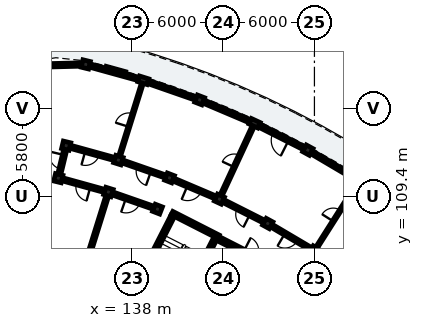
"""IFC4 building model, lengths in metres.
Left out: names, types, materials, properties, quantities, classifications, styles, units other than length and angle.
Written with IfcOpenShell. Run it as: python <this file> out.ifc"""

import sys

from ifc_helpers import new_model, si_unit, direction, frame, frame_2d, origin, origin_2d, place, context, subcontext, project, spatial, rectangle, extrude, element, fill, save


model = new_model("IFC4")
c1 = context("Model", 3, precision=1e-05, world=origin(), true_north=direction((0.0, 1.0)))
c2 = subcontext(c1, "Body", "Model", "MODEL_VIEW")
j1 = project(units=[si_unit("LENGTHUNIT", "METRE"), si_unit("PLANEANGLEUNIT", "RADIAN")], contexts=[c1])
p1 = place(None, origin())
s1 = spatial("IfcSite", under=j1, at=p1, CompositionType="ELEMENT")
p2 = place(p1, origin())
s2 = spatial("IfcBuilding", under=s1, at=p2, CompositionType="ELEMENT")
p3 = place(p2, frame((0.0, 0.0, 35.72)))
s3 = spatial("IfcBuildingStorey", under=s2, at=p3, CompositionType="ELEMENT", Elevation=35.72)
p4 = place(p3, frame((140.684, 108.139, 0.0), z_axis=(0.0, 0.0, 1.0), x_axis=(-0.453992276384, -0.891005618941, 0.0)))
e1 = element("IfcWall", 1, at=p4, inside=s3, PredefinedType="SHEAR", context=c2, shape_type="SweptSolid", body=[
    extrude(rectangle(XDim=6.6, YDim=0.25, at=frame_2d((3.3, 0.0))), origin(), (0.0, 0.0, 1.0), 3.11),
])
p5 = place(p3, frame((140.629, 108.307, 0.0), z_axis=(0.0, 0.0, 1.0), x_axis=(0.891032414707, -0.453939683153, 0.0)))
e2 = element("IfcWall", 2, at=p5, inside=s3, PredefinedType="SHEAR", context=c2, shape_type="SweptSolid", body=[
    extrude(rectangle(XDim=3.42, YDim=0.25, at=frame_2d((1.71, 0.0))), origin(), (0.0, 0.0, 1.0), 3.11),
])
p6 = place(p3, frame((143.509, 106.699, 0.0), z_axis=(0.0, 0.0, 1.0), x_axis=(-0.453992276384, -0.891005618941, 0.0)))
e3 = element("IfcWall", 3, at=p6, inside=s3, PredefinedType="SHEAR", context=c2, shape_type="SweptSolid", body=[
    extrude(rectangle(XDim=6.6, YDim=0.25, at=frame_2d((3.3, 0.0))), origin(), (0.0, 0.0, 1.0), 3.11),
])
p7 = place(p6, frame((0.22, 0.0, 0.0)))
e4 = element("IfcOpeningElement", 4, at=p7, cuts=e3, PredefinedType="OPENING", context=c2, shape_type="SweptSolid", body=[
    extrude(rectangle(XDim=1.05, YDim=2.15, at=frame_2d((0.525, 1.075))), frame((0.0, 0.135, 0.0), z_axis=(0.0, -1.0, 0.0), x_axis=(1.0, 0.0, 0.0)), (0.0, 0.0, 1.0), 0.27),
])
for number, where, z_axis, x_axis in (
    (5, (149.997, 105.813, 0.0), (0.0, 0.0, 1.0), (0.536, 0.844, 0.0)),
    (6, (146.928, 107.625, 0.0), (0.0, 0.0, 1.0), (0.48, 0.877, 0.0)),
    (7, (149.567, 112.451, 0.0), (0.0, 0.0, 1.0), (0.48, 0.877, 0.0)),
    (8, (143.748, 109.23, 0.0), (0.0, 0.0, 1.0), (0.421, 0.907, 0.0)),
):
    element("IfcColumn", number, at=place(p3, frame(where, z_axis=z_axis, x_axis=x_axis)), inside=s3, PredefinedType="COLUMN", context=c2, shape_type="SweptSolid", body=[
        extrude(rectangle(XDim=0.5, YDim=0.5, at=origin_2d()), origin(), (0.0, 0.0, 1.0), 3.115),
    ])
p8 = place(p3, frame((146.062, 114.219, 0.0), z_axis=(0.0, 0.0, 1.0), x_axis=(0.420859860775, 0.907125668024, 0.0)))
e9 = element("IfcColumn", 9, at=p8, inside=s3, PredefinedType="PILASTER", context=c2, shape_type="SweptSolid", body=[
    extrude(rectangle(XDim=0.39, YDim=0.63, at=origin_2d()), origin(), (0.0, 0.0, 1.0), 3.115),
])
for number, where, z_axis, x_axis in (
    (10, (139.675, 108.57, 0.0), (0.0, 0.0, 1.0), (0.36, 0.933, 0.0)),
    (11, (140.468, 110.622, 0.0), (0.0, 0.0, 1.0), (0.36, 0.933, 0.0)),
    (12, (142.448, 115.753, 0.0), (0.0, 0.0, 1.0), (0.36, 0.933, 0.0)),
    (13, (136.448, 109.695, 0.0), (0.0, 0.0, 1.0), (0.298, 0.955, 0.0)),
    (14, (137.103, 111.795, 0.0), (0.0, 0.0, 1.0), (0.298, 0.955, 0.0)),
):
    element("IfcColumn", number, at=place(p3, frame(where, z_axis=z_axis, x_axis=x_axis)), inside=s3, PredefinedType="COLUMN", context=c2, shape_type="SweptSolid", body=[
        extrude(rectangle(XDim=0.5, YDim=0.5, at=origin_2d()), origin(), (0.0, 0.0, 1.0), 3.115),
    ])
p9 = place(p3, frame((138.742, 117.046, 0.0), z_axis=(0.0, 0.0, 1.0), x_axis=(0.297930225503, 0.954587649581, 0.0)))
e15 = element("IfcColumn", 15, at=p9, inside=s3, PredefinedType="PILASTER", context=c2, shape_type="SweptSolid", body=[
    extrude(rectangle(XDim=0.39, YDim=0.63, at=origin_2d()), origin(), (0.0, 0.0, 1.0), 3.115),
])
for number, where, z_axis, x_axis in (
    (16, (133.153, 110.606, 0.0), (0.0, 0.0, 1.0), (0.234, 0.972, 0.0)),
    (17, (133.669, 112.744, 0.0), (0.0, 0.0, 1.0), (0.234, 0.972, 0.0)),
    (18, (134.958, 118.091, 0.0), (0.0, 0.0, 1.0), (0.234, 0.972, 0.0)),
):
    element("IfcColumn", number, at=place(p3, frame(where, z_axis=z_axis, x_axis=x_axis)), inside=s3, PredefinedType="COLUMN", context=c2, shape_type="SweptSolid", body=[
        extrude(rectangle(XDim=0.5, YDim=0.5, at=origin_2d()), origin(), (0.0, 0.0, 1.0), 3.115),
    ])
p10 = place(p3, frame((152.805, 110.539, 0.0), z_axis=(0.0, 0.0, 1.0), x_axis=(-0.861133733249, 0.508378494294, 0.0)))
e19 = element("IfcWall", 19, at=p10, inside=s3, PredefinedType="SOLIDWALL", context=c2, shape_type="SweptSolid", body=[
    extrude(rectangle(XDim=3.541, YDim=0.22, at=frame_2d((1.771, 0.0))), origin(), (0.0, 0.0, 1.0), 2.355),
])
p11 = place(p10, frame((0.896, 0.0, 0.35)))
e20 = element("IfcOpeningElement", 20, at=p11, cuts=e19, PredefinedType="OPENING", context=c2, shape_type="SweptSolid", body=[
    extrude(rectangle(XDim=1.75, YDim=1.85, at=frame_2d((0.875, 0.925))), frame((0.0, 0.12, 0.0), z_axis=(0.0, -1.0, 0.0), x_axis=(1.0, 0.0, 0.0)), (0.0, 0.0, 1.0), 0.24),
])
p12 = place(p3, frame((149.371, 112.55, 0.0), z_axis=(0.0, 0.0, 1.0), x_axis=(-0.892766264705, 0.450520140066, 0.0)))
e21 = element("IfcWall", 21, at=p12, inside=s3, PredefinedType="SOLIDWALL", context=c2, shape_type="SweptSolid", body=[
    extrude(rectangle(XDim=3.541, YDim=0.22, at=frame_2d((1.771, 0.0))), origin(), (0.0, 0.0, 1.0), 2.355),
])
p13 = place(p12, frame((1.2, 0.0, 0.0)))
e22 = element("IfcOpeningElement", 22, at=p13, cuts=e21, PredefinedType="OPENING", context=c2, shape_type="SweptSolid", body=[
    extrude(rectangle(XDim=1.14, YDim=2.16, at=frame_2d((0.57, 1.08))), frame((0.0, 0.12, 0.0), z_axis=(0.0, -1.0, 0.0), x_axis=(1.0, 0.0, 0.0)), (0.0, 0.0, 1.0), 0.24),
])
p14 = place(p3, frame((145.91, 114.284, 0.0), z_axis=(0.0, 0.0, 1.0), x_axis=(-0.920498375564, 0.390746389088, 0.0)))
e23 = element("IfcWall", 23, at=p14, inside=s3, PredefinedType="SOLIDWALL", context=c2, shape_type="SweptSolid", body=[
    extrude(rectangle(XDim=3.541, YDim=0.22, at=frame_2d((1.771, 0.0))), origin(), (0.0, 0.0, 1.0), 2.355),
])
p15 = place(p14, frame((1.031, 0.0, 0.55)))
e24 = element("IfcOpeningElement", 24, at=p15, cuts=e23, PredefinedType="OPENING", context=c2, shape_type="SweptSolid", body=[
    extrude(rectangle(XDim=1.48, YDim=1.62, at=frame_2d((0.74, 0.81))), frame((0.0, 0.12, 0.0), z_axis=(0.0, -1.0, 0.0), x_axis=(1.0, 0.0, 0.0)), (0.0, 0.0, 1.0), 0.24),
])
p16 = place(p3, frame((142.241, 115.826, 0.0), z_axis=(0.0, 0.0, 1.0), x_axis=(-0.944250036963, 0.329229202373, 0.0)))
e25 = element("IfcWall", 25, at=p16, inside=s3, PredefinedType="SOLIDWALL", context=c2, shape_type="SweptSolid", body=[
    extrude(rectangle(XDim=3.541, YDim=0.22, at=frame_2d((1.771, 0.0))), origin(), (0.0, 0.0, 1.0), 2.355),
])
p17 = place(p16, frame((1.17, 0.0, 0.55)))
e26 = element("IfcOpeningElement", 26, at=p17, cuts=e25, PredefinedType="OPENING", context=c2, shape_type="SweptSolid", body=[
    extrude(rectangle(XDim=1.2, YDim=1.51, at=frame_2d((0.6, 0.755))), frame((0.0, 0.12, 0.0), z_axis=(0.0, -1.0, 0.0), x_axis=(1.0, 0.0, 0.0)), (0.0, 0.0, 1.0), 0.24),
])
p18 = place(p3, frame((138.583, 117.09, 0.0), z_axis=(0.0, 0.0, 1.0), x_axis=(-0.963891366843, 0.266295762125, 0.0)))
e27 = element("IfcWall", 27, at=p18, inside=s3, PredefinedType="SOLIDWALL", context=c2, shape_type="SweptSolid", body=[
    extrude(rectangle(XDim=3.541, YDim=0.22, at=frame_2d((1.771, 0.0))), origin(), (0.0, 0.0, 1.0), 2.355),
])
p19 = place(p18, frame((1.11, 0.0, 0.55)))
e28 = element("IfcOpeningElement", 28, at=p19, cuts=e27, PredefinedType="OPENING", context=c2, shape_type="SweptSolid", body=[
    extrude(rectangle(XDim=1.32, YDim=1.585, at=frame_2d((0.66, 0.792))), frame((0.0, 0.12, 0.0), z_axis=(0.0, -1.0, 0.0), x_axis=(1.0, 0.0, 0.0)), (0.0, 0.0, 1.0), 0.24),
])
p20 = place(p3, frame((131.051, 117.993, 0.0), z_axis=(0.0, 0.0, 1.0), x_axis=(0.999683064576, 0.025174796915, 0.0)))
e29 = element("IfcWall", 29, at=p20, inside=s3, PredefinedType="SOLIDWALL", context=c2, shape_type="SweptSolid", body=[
* * * *
### Exercise brief
When a line in the records contains the string "CompositionType", it counts; state how many lines count, with no other words.

### Finished task
3